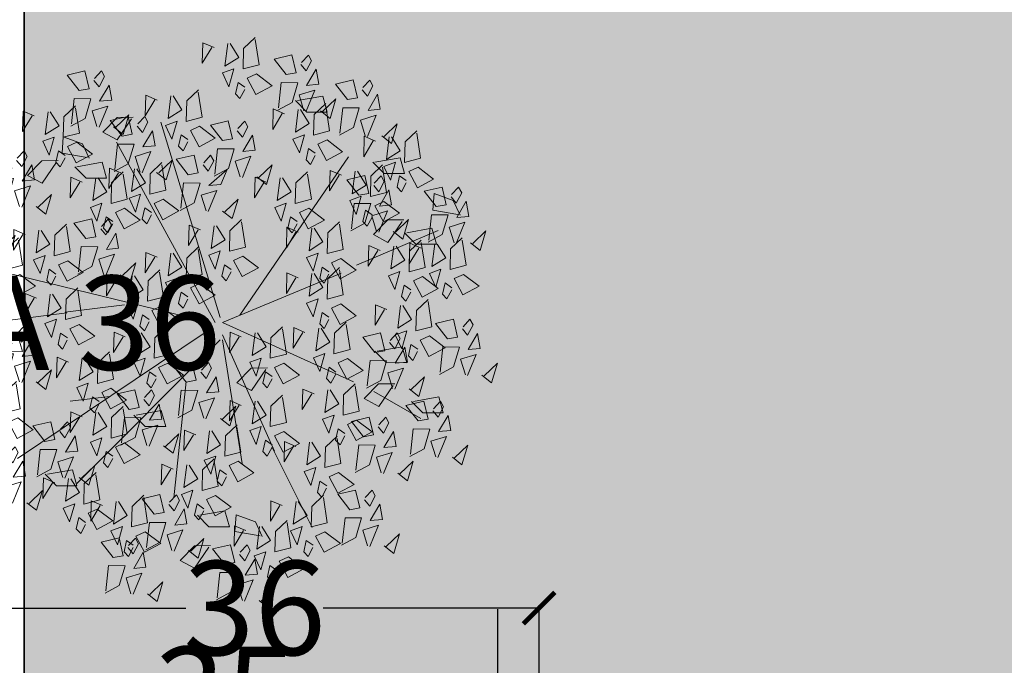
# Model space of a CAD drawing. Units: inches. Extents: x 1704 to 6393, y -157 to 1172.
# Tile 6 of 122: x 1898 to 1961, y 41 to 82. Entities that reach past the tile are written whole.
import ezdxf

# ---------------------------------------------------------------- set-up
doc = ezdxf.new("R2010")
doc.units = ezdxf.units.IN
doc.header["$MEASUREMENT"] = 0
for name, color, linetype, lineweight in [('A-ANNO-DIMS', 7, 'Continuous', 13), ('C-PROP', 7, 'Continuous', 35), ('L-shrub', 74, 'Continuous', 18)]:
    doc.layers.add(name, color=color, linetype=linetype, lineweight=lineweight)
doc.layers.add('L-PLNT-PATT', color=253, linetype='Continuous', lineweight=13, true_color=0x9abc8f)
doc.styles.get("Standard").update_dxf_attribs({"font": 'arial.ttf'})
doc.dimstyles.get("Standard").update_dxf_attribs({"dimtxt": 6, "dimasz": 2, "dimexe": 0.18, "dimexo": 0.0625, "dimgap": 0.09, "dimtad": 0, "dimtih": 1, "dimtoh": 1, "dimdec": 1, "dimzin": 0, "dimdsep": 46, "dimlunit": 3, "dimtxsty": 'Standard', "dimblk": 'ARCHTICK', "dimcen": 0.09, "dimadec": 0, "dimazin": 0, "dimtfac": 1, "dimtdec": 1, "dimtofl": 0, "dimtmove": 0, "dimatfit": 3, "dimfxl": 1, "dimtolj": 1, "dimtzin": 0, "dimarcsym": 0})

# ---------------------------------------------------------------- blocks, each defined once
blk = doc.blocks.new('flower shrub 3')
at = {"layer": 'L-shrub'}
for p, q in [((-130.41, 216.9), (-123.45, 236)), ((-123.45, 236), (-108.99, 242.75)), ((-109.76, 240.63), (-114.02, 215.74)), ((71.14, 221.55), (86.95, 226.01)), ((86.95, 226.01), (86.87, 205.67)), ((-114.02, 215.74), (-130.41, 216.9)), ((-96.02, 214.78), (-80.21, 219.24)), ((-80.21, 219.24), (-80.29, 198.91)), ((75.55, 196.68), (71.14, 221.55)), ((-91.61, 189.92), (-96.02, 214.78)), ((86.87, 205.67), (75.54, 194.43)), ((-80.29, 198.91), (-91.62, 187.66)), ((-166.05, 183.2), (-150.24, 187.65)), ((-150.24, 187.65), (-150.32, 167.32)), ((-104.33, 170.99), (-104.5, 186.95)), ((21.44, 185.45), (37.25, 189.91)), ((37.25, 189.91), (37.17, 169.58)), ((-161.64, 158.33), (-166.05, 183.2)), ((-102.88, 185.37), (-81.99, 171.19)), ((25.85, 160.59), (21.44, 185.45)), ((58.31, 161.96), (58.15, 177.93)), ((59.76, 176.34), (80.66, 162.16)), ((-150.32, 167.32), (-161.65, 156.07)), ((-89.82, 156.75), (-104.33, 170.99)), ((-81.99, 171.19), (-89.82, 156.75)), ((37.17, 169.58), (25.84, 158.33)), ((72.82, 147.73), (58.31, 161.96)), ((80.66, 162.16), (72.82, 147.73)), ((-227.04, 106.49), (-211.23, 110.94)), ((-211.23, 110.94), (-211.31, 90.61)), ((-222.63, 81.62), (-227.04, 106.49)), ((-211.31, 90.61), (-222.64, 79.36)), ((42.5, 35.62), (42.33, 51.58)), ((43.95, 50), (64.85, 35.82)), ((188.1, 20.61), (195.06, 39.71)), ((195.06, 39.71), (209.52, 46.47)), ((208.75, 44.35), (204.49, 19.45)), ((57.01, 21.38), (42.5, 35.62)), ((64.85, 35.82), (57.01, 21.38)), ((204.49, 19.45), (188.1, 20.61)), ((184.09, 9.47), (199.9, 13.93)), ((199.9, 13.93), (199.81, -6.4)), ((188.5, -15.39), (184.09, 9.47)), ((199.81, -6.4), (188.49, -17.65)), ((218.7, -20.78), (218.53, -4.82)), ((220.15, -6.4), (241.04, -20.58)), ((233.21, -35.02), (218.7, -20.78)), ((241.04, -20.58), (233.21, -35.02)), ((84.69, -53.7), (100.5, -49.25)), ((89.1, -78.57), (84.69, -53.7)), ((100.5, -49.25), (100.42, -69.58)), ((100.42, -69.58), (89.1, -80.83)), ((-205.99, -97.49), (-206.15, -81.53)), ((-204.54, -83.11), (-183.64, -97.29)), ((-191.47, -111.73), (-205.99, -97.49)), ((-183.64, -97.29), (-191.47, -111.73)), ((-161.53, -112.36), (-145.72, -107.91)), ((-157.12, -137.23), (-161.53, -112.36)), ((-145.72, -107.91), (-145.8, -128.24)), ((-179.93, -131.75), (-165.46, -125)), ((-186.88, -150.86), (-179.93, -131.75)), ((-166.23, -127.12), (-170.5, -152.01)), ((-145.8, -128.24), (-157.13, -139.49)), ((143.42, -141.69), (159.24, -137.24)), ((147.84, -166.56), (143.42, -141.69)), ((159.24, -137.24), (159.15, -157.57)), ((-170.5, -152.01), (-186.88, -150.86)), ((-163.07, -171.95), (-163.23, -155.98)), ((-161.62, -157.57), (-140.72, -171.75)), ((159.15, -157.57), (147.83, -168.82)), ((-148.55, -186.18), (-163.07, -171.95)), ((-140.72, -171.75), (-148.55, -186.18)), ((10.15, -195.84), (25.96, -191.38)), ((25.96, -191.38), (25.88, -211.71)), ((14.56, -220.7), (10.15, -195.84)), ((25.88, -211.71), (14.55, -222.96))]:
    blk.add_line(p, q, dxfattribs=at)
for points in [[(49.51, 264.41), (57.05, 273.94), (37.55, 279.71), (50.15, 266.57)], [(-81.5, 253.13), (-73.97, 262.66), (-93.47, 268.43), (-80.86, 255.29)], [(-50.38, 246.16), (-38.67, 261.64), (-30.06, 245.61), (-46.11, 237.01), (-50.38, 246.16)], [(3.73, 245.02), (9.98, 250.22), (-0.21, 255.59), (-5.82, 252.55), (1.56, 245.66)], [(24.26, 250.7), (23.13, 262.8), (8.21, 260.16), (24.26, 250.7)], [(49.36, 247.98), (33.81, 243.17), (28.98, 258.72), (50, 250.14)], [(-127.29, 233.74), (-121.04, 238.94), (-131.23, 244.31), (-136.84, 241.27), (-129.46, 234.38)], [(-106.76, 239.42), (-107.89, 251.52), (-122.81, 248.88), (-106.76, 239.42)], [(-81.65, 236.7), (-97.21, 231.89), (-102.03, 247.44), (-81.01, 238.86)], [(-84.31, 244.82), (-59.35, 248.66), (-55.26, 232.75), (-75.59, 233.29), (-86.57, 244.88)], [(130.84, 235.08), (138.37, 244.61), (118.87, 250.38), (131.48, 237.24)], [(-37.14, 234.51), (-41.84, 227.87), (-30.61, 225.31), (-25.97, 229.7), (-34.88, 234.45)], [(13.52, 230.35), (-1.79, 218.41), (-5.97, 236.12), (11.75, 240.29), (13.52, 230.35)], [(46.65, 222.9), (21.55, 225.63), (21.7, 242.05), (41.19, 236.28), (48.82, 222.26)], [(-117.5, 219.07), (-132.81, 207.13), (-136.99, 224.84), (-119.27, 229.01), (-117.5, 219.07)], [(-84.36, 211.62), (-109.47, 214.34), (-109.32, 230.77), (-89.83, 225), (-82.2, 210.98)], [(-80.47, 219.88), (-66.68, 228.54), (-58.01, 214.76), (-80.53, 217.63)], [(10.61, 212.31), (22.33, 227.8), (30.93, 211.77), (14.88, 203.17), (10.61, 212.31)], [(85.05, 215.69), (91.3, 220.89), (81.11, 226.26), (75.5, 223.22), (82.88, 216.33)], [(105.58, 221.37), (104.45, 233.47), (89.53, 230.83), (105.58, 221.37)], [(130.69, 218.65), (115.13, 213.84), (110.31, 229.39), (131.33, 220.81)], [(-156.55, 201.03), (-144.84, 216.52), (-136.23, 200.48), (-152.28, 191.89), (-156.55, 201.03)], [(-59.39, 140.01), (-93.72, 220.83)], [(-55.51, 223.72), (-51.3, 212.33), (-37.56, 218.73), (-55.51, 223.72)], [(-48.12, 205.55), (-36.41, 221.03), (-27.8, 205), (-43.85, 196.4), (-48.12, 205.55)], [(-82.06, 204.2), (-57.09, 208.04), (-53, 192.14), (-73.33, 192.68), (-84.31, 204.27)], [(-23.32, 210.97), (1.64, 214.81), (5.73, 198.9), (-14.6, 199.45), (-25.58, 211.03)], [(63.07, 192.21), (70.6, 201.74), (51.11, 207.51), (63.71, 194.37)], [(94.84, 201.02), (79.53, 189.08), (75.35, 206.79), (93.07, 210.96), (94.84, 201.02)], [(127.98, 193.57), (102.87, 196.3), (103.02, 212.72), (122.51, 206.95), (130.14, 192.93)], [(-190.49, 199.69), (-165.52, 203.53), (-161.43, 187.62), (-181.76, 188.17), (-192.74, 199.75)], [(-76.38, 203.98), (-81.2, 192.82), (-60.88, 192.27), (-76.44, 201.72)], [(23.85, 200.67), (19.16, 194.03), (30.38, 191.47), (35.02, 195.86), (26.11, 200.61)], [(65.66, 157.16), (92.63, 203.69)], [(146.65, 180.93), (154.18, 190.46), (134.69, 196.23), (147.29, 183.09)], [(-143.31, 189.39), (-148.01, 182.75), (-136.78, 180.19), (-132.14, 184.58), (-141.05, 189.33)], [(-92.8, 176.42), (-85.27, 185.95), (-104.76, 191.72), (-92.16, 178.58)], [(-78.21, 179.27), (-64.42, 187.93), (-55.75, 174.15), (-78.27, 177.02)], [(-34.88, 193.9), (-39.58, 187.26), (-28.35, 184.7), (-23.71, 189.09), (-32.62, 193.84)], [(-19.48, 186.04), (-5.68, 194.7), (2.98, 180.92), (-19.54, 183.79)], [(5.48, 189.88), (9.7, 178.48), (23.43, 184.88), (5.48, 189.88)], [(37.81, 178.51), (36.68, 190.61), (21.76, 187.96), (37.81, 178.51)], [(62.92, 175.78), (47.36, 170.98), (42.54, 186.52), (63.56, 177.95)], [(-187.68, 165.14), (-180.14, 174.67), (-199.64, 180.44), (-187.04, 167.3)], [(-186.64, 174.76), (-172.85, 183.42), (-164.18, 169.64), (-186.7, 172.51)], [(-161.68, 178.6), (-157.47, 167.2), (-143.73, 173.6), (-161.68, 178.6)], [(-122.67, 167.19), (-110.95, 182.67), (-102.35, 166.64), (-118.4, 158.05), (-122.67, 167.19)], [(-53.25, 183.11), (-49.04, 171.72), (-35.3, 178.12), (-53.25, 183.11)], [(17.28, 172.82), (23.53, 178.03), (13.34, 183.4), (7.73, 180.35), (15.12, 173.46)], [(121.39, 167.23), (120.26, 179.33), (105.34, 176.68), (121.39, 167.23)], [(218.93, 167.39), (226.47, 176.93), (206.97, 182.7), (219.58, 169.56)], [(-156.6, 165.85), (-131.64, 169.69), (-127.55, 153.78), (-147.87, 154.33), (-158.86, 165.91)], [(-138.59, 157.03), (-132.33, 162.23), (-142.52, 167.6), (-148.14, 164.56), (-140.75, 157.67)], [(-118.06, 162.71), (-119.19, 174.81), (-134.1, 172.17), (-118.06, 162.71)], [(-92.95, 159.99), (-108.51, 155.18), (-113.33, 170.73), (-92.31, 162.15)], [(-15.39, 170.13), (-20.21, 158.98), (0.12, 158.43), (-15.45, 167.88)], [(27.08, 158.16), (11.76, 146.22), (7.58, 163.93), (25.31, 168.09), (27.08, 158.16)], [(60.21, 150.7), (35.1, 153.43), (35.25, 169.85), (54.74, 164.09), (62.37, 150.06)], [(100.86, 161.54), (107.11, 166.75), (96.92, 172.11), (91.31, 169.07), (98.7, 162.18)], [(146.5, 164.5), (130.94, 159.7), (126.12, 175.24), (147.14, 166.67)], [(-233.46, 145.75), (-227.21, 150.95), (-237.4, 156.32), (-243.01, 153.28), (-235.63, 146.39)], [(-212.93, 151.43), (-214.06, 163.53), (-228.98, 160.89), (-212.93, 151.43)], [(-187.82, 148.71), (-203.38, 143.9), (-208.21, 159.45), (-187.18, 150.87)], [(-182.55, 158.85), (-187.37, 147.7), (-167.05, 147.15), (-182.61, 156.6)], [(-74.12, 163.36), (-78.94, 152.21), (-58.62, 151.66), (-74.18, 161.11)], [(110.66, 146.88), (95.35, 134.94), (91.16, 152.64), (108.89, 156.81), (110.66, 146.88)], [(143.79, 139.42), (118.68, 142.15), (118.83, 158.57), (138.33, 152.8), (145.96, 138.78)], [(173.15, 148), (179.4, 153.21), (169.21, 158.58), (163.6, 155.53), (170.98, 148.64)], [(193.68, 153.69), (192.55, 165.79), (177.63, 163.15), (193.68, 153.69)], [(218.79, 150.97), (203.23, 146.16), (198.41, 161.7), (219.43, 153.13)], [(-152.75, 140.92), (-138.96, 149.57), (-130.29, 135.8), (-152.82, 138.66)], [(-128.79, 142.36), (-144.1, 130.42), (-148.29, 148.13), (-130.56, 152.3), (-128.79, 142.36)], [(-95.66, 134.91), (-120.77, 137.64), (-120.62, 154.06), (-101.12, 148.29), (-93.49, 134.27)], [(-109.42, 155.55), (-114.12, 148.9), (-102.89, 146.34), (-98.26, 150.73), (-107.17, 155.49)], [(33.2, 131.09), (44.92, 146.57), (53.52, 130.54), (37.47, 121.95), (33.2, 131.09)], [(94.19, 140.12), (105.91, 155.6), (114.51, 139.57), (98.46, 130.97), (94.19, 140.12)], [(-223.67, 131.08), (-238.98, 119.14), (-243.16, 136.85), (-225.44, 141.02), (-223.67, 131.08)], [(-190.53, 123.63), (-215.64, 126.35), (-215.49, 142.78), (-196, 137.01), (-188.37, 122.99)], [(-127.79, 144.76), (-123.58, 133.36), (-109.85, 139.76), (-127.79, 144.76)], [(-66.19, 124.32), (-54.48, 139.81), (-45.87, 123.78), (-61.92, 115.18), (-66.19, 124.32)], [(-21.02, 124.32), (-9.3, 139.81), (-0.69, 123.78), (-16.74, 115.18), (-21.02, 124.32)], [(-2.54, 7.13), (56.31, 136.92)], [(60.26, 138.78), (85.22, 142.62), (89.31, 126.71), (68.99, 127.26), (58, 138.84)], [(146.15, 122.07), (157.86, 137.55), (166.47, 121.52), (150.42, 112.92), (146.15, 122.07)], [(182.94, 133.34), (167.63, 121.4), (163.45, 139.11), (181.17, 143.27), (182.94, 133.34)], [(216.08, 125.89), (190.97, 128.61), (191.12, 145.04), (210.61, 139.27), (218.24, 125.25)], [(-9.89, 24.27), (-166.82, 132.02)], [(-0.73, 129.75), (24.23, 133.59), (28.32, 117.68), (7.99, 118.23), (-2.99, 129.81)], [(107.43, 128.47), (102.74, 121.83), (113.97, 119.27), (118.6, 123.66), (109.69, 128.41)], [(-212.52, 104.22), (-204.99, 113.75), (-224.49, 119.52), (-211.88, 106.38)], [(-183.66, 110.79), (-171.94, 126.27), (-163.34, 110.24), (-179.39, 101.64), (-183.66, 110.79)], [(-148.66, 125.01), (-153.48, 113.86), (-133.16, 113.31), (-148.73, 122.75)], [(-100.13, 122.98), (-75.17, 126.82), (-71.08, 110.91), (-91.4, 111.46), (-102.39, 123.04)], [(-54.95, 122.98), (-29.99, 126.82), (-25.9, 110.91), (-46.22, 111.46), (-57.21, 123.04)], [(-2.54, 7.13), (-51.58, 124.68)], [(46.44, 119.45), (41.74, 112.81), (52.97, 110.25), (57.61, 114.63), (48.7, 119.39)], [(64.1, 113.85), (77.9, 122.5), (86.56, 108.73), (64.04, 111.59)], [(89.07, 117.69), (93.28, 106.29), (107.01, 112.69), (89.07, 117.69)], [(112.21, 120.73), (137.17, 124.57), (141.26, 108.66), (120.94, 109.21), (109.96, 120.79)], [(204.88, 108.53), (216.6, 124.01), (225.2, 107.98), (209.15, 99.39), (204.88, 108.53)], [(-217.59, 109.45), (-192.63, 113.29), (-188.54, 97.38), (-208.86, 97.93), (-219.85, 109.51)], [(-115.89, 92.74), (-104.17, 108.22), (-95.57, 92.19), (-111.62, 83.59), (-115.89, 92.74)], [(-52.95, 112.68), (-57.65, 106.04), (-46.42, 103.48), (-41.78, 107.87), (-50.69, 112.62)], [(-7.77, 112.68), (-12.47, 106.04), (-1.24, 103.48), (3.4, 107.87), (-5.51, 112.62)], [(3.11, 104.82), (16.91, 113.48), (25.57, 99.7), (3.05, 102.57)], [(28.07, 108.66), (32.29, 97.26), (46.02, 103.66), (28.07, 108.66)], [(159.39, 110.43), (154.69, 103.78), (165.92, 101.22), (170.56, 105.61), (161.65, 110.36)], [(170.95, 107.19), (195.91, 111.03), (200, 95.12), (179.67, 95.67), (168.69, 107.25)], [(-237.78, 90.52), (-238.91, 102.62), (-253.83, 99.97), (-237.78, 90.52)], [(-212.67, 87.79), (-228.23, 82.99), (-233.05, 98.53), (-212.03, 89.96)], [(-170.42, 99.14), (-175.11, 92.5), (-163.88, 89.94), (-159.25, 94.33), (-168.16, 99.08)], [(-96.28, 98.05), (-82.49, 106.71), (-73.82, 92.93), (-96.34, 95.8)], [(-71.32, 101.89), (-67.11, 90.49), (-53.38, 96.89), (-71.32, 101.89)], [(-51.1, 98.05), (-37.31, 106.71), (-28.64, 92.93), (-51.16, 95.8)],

********

__Exercise aim__: Of the lines above, extract only those from the line with "import ezdxf" to the line with "color=color, linetype=linetype, lineweight=lineweight)", both included, exactly as written.

__Result of the exercise__:
import ezdxf

# ---------------------------------------------------------------- set-up
doc = ezdxf.new("R2010")
doc.units = ezdxf.units.IN
doc.header["$MEASUREMENT"] = 0
for name, color, linetype, lineweight in [('A-ANNO-DIMS', 7, 'Continuous', 13), ('C-PROP', 7, 'Continuous', 35), ('L-shrub', 74, 'Continuous', 18)]:
    doc.layers.add(name, color=color, linetype=linetype, lineweight=lineweight)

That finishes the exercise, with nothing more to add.